▸ **Dataset**:
####

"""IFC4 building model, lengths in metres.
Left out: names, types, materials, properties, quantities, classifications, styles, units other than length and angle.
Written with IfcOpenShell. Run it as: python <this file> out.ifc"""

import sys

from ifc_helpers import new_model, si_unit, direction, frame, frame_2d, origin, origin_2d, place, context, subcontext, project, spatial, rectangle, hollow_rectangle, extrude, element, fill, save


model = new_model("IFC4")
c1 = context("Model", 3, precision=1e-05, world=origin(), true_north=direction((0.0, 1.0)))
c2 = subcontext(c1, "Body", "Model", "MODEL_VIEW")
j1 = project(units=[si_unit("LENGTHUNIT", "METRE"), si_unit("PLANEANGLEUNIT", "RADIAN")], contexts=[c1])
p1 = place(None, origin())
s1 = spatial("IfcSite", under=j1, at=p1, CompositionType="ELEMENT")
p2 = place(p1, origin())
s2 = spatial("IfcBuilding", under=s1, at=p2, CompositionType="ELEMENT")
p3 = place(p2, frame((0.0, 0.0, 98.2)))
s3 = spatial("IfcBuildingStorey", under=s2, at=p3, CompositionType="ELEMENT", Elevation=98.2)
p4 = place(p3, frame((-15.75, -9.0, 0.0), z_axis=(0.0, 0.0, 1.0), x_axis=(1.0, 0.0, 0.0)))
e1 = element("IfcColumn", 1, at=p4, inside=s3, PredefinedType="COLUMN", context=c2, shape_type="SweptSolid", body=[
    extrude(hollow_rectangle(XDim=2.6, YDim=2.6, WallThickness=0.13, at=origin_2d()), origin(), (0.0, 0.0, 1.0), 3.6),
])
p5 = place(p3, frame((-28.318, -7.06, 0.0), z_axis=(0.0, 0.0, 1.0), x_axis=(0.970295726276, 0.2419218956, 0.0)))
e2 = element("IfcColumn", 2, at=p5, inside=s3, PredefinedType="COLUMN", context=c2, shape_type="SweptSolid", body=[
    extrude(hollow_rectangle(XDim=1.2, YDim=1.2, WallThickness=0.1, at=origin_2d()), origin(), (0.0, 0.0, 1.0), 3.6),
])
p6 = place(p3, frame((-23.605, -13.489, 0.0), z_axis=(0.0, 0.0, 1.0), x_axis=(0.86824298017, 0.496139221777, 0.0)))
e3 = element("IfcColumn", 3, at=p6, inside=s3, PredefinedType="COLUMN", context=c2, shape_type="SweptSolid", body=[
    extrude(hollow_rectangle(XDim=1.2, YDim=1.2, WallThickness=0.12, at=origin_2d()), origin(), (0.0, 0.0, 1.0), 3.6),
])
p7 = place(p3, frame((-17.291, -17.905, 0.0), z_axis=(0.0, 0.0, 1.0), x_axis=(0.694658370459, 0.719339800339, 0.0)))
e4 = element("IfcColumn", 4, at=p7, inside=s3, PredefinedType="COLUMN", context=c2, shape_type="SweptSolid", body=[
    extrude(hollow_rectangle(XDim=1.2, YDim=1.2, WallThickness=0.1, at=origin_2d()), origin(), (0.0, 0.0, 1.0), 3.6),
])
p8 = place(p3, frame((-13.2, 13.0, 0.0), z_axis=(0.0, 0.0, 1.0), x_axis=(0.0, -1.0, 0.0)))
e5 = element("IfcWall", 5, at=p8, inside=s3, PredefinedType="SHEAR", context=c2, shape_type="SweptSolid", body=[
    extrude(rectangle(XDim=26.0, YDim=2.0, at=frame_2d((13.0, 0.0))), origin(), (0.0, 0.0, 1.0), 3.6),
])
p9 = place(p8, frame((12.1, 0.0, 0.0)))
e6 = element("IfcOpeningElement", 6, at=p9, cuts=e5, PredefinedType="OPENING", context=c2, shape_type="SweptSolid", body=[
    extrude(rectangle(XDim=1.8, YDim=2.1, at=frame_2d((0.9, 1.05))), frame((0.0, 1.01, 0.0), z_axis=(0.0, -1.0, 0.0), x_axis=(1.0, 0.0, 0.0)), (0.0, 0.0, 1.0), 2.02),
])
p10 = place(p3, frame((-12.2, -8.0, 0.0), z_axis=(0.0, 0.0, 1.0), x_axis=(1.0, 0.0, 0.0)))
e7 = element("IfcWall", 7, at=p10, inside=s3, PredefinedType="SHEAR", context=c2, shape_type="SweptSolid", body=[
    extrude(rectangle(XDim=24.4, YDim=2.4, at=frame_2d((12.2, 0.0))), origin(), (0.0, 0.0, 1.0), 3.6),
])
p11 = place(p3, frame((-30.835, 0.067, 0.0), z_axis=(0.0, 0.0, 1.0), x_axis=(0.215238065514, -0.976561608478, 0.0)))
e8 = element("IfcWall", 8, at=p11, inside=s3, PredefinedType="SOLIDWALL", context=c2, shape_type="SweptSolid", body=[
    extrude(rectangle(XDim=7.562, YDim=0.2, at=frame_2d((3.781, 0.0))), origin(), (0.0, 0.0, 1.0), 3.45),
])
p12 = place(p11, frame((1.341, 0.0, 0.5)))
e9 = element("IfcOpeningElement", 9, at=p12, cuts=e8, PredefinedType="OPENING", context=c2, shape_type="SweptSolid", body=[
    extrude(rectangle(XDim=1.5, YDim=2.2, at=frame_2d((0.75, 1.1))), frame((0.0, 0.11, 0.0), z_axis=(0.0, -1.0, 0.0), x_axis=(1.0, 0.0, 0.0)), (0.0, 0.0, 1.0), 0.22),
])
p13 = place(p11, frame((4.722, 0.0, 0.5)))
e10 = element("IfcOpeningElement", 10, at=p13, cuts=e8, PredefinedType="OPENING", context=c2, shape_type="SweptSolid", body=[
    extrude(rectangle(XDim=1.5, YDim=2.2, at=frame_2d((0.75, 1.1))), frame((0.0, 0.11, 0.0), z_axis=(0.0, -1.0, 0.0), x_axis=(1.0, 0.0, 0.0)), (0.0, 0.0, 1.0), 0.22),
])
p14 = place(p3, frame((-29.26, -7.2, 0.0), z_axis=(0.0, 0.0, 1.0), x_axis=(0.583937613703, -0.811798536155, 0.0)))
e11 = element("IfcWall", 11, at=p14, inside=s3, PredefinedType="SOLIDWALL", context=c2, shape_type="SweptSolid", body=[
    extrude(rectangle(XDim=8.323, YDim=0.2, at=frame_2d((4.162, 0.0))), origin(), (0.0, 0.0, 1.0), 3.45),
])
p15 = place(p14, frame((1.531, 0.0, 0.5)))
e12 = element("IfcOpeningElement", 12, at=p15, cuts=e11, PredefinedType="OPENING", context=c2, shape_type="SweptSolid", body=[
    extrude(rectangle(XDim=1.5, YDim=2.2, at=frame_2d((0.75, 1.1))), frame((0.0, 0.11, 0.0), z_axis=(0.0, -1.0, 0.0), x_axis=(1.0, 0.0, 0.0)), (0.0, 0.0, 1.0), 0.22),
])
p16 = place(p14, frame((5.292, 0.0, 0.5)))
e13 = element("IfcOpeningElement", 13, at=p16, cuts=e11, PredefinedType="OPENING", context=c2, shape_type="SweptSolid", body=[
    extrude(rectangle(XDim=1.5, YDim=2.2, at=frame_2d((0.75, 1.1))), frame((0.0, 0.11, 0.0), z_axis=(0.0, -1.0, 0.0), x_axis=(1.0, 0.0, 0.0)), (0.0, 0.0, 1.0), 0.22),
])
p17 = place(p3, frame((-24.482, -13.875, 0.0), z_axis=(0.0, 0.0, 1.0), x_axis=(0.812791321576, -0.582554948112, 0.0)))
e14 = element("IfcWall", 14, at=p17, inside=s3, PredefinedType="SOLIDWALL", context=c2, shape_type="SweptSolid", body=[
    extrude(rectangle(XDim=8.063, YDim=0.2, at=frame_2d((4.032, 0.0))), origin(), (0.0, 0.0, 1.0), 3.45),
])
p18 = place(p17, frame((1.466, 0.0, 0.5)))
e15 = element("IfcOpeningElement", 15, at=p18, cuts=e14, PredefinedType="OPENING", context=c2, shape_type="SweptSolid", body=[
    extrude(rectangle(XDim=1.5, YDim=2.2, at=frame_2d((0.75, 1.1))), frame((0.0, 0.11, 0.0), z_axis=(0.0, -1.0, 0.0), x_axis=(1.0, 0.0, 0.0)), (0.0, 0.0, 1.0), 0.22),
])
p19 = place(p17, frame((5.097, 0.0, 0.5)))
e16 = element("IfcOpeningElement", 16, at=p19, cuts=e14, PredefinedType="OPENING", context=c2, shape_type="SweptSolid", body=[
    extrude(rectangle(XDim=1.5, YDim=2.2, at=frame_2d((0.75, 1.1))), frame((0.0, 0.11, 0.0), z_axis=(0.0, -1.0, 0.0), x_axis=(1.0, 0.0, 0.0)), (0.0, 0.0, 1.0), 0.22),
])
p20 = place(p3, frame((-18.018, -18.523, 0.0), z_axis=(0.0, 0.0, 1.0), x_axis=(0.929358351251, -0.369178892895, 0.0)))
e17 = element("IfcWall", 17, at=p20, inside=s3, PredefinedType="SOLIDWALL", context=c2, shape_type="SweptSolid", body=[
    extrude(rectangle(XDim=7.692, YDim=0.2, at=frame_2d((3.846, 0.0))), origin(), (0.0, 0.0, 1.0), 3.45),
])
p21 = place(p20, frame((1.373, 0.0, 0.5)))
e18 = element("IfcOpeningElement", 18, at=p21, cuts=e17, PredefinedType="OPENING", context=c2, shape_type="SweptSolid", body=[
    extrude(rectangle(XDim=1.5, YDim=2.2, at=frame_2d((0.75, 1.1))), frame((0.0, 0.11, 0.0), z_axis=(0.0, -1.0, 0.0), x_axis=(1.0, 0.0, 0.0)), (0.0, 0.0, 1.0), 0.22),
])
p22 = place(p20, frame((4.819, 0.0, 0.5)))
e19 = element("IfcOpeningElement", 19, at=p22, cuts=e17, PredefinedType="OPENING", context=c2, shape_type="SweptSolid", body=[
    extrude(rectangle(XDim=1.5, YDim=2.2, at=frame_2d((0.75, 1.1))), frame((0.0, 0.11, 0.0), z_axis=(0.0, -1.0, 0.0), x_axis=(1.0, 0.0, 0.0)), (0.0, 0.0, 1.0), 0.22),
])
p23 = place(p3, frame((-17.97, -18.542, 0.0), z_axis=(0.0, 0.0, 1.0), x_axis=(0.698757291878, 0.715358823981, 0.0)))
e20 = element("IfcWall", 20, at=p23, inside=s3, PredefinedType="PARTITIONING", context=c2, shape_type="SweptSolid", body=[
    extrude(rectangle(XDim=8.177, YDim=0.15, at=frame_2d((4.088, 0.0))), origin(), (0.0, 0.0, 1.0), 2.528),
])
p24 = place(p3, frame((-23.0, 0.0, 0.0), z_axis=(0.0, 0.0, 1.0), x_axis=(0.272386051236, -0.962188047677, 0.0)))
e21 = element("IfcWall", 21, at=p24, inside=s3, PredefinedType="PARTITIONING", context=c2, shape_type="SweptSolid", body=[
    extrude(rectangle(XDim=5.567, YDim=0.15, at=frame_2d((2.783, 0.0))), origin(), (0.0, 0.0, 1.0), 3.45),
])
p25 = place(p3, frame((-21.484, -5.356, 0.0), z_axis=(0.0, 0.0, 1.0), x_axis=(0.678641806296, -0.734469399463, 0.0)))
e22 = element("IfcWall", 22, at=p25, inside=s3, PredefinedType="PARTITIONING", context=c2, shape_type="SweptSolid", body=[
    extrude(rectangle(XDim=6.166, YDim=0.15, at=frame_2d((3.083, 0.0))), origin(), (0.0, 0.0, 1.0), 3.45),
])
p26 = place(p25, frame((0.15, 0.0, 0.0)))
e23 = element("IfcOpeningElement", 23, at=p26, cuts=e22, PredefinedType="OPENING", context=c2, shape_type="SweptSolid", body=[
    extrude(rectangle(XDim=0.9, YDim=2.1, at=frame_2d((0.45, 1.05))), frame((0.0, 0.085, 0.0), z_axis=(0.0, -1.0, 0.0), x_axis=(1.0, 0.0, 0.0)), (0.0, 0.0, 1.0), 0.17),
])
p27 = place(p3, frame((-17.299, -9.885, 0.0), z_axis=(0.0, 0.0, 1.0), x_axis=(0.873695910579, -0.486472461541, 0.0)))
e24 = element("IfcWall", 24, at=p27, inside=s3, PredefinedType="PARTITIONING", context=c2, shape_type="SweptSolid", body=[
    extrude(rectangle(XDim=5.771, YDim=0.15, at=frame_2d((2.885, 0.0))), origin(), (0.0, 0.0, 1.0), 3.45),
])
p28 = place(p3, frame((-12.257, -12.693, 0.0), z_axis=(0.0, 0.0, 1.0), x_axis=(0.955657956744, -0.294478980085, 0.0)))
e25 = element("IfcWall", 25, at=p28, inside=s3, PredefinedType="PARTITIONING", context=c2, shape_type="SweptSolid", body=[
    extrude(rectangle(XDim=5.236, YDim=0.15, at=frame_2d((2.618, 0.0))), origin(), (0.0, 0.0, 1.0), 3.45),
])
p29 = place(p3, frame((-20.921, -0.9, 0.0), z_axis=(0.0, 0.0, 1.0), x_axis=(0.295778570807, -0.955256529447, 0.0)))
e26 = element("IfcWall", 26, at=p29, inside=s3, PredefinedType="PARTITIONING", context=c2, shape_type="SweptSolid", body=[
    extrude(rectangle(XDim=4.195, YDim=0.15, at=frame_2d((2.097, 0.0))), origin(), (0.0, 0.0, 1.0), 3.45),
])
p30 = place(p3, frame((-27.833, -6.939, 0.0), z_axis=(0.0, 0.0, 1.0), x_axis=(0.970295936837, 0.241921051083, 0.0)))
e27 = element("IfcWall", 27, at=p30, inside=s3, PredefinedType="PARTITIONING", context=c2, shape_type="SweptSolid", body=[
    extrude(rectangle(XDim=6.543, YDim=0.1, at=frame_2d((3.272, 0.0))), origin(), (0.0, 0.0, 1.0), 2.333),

####

▸ **What you have to do**: What you return must be the lines above that run from the line with "x_axis=(0.812791321576, -0.582554948112, 0.0)))" to the line with "p19 = place(p17, frame((5.097, 0.0, 0.5)))", inclusive, each copied exactly.

▸ **Answer box**:
p17 = place(p3, frame((-24.482, -13.875, 0.0), z_axis=(0.0, 0.0, 1.0), x_axis=(0.812791321576, -0.582554948112, 0.0)))
e14 = element("IfcWall", 14, at=p17, inside=s3, PredefinedType="SOLIDWALL", context=c2, shape_type="SweptSolid", body=[
    extrude(rectangle(XDim=8.063, YDim=0.2, at=frame_2d((4.032, 0.0))), origin(), (0.0, 0.0, 1.0), 3.45),
])
p18 = place(p17, frame((1.466, 0.0, 0.5)))
e15 = element("IfcOpeningElement", 15, at=p18, cuts=e14, PredefinedType="OPENING", context=c2, shape_type="SweptSolid", body=[
    extrude(rectangle(XDim=1.5, YDim=2.2, at=frame_2d((0.75, 1.1))), frame((0.0, 0.11, 0.0), z_axis=(0.0, -1.0, 0.0), x_axis=(1.0, 0.0, 0.0)), (0.0, 0.0, 1.0), 0.22),
])
p19 = place(p17, frame((5.097, 0.0, 0.5)))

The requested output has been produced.